━━ Data

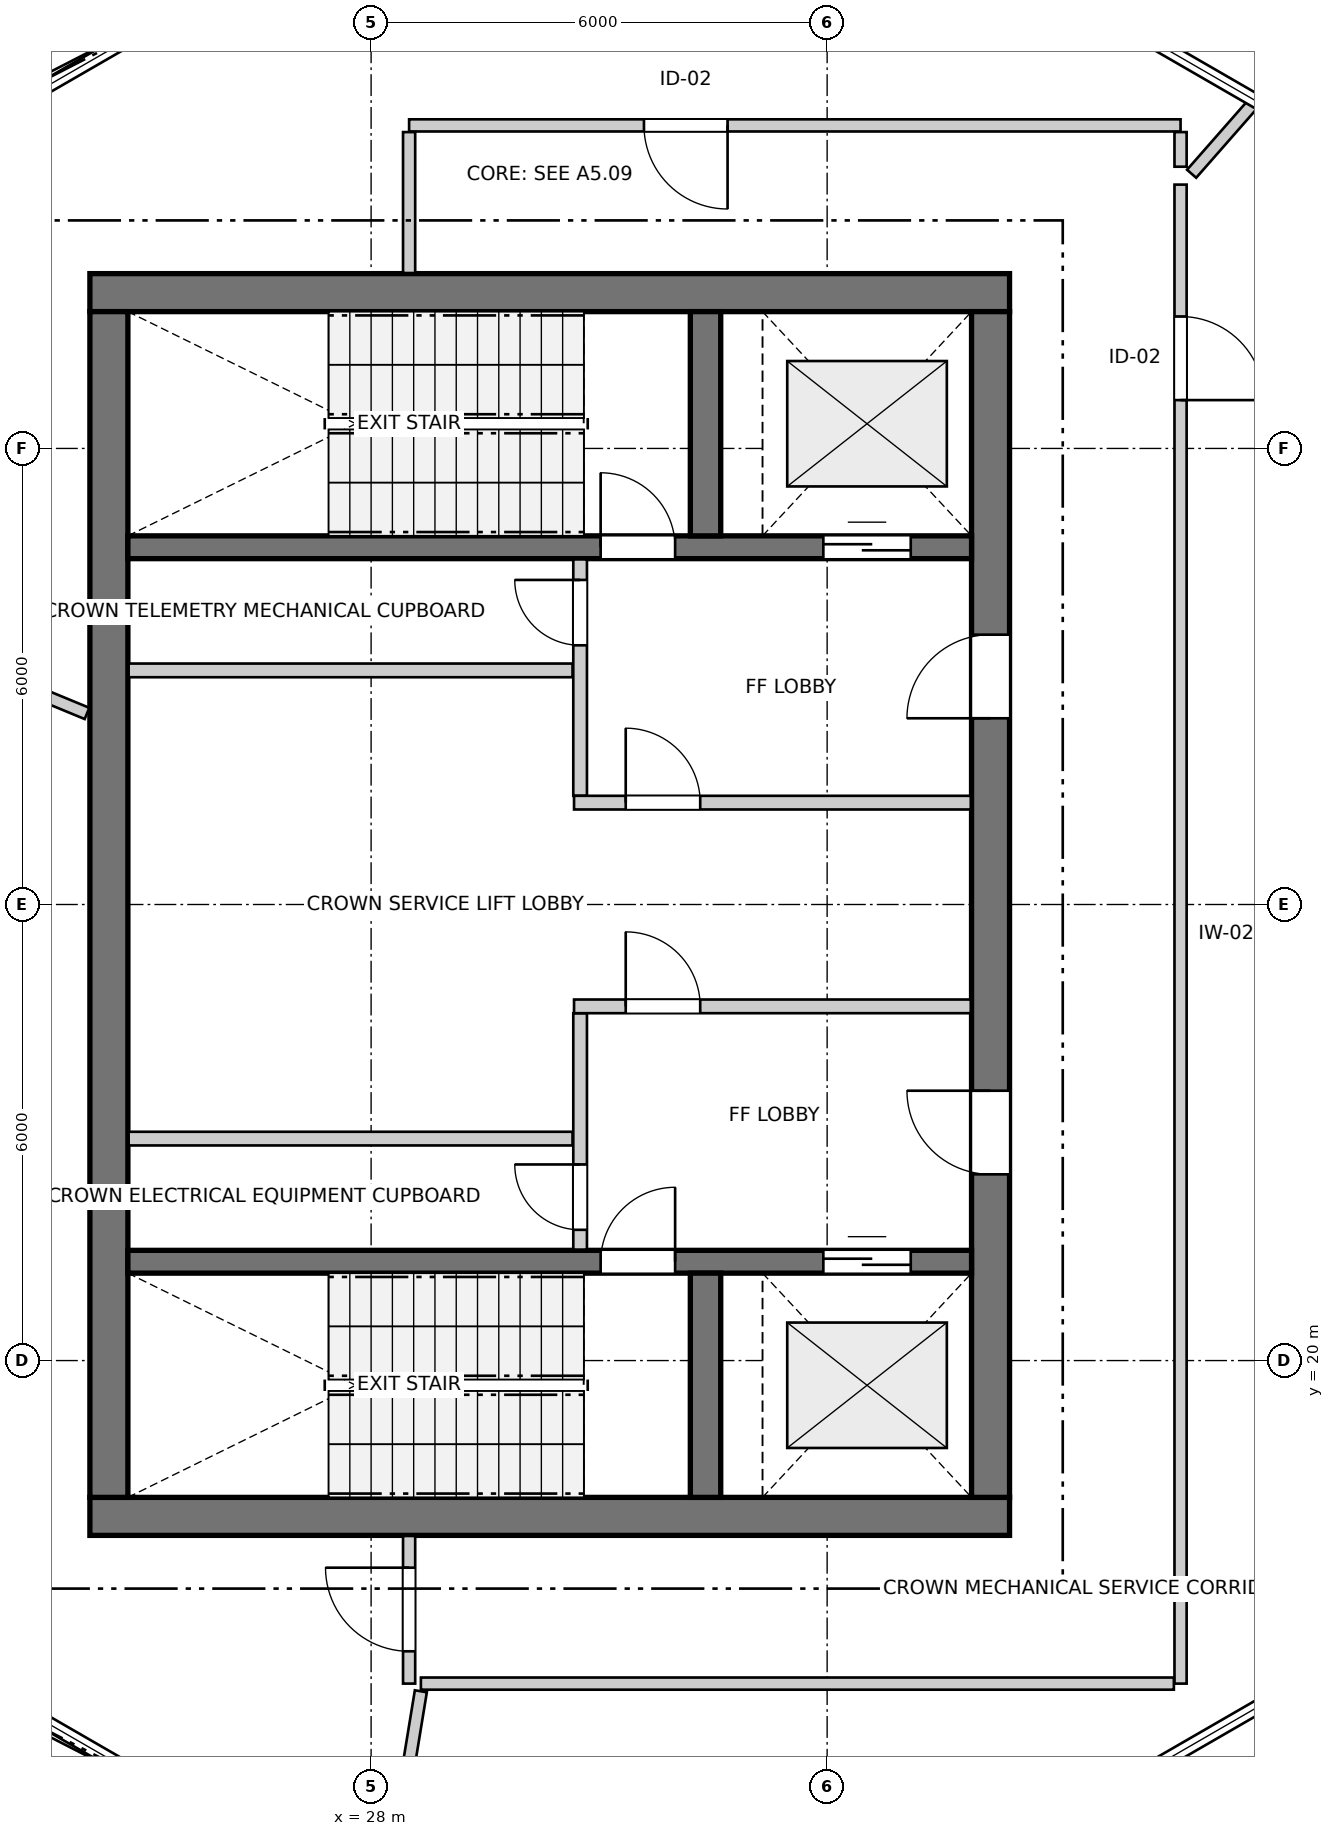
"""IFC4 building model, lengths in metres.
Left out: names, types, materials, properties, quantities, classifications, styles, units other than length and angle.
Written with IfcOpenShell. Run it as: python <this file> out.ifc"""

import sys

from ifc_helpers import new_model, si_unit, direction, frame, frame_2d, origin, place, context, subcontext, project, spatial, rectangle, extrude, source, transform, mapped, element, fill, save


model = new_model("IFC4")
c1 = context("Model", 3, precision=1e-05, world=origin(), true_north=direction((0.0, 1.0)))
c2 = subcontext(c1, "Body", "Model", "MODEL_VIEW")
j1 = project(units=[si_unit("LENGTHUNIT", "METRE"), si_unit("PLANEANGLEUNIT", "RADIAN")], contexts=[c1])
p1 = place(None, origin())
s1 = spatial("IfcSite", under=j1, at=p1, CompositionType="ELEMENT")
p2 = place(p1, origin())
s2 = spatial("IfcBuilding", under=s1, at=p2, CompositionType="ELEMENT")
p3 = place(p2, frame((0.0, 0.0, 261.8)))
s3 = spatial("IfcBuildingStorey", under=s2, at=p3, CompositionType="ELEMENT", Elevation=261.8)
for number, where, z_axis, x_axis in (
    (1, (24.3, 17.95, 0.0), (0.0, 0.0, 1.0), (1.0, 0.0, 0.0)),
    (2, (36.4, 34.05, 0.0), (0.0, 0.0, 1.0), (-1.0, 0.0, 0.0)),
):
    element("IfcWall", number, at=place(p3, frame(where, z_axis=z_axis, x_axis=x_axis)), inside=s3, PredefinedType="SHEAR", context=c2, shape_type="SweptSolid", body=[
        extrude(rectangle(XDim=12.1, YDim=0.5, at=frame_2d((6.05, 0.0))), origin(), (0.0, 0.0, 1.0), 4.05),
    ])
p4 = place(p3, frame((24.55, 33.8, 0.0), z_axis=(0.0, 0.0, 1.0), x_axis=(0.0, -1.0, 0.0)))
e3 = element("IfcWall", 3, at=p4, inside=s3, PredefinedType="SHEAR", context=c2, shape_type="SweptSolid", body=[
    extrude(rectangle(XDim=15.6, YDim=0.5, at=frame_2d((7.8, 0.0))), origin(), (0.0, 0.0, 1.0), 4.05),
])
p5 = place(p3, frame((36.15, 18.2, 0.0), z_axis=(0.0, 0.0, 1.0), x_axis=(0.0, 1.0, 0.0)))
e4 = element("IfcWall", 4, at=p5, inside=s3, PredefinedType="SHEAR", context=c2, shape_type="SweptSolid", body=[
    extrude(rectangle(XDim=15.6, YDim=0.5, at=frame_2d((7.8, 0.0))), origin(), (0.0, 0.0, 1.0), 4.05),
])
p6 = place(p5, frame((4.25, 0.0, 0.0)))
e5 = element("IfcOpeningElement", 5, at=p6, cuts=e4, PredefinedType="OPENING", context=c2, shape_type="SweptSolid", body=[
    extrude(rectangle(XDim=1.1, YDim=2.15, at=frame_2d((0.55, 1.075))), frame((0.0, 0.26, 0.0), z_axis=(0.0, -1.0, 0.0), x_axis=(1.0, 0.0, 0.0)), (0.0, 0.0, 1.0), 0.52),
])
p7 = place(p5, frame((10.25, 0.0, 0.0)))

━━━━

**What the task requires**:
Output all of the entries verbatim, leaving out any images.

**Task response**:
"""IFC4 building model, lengths in metres.
Left out: names, types, materials, properties, quantities, classifications, styles, units other than length and angle.
Written with IfcOpenShell. Run it as: python <this file> out.ifc"""

import sys

from ifc_helpers import new_model, si_unit, direction, frame, frame_2d, origin, place, context, subcontext, project, spatial, rectangle, extrude, source, transform, mapped, element, fill, save


model = new_model("IFC4")
c1 = context("Model", 3, precision=1e-05, world=origin(), true_north=direction((0.0, 1.0)))
c2 = subcontext(c1, "Body", "Model", "MODEL_VIEW")
j1 = project(units=[si_unit("LENGTHUNIT", "METRE"), si_unit("PLANEANGLEUNIT", "RADIAN")], contexts=[c1])
p1 = place(None, origin())
s1 = spatial("IfcSite", under=j1, at=p1, CompositionType="ELEMENT")
p2 = place(p1, origin())
s2 = spatial("IfcBuilding", under=s1, at=p2, CompositionType="ELEMENT")
p3 = place(p2, frame((0.0, 0.0, 261.8)))
s3 = spatial("IfcBuildingStorey", under=s2, at=p3, CompositionType="ELEMENT", Elevation=261.8)
for number, where, z_axis, x_axis in (
    (1, (24.3, 17.95, 0.0), (0.0, 0.0, 1.0), (1.0, 0.0, 0.0)),
    (2, (36.4, 34.05, 0.0), (0.0, 0.0, 1.0), (-1.0, 0.0, 0.0)),
):
    element("IfcWall", number, at=place(p3, frame(where, z_axis=z_axis, x_axis=x_axis)), inside=s3, PredefinedType="SHEAR", context=c2, shape_type="SweptSolid", body=[
        extrude(rectangle(XDim=12.1, YDim=0.5, at=frame_2d((6.05, 0.0))), origin(), (0.0, 0.0, 1.0), 4.05),
    ])
p4 = place(p3, frame((24.55, 33.8, 0.0), z_axis=(0.0, 0.0, 1.0), x_axis=(0.0, -1.0, 0.0)))
e3 = element("IfcWall", 3, at=p4, inside=s3, PredefinedType="SHEAR", context=c2, shape_type="SweptSolid", body=[
    extrude(rectangle(XDim=15.6, YDim=0.5, at=frame_2d((7.8, 0.0))), origin(), (0.0, 0.0, 1.0), 4.05),
])
p5 = place(p3, frame((36.15, 18.2, 0.0), z_axis=(0.0, 0.0, 1.0), x_axis=(0.0, 1.0, 0.0)))
e4 = element("IfcWall", 4, at=p5, inside=s3, PredefinedType="SHEAR", context=c2, shape_type="SweptSolid", body=[
    extrude(rectangle(XDim=15.6, YDim=0.5, at=frame_2d((7.8, 0.0))), origin(), (0.0, 0.0, 1.0), 4.05),
])
p6 = place(p5, frame((4.25, 0.0, 0.0)))
e5 = element("IfcOpeningElement", 5, at=p6, cuts=e4, PredefinedType="OPENING", context=c2, shape_type="SweptSolid", body=[
    extrude(rectangle(XDim=1.1, YDim=2.15, at=frame_2d((0.55, 1.075))), frame((0.0, 0.26, 0.0), z_axis=(0.0, -1.0, 0.0), x_axis=(1.0, 0.0, 0.0)), (0.0, 0.0, 1.0), 0.52),
])
p7 = place(p5, frame((10.25, 0.0, 0.0)))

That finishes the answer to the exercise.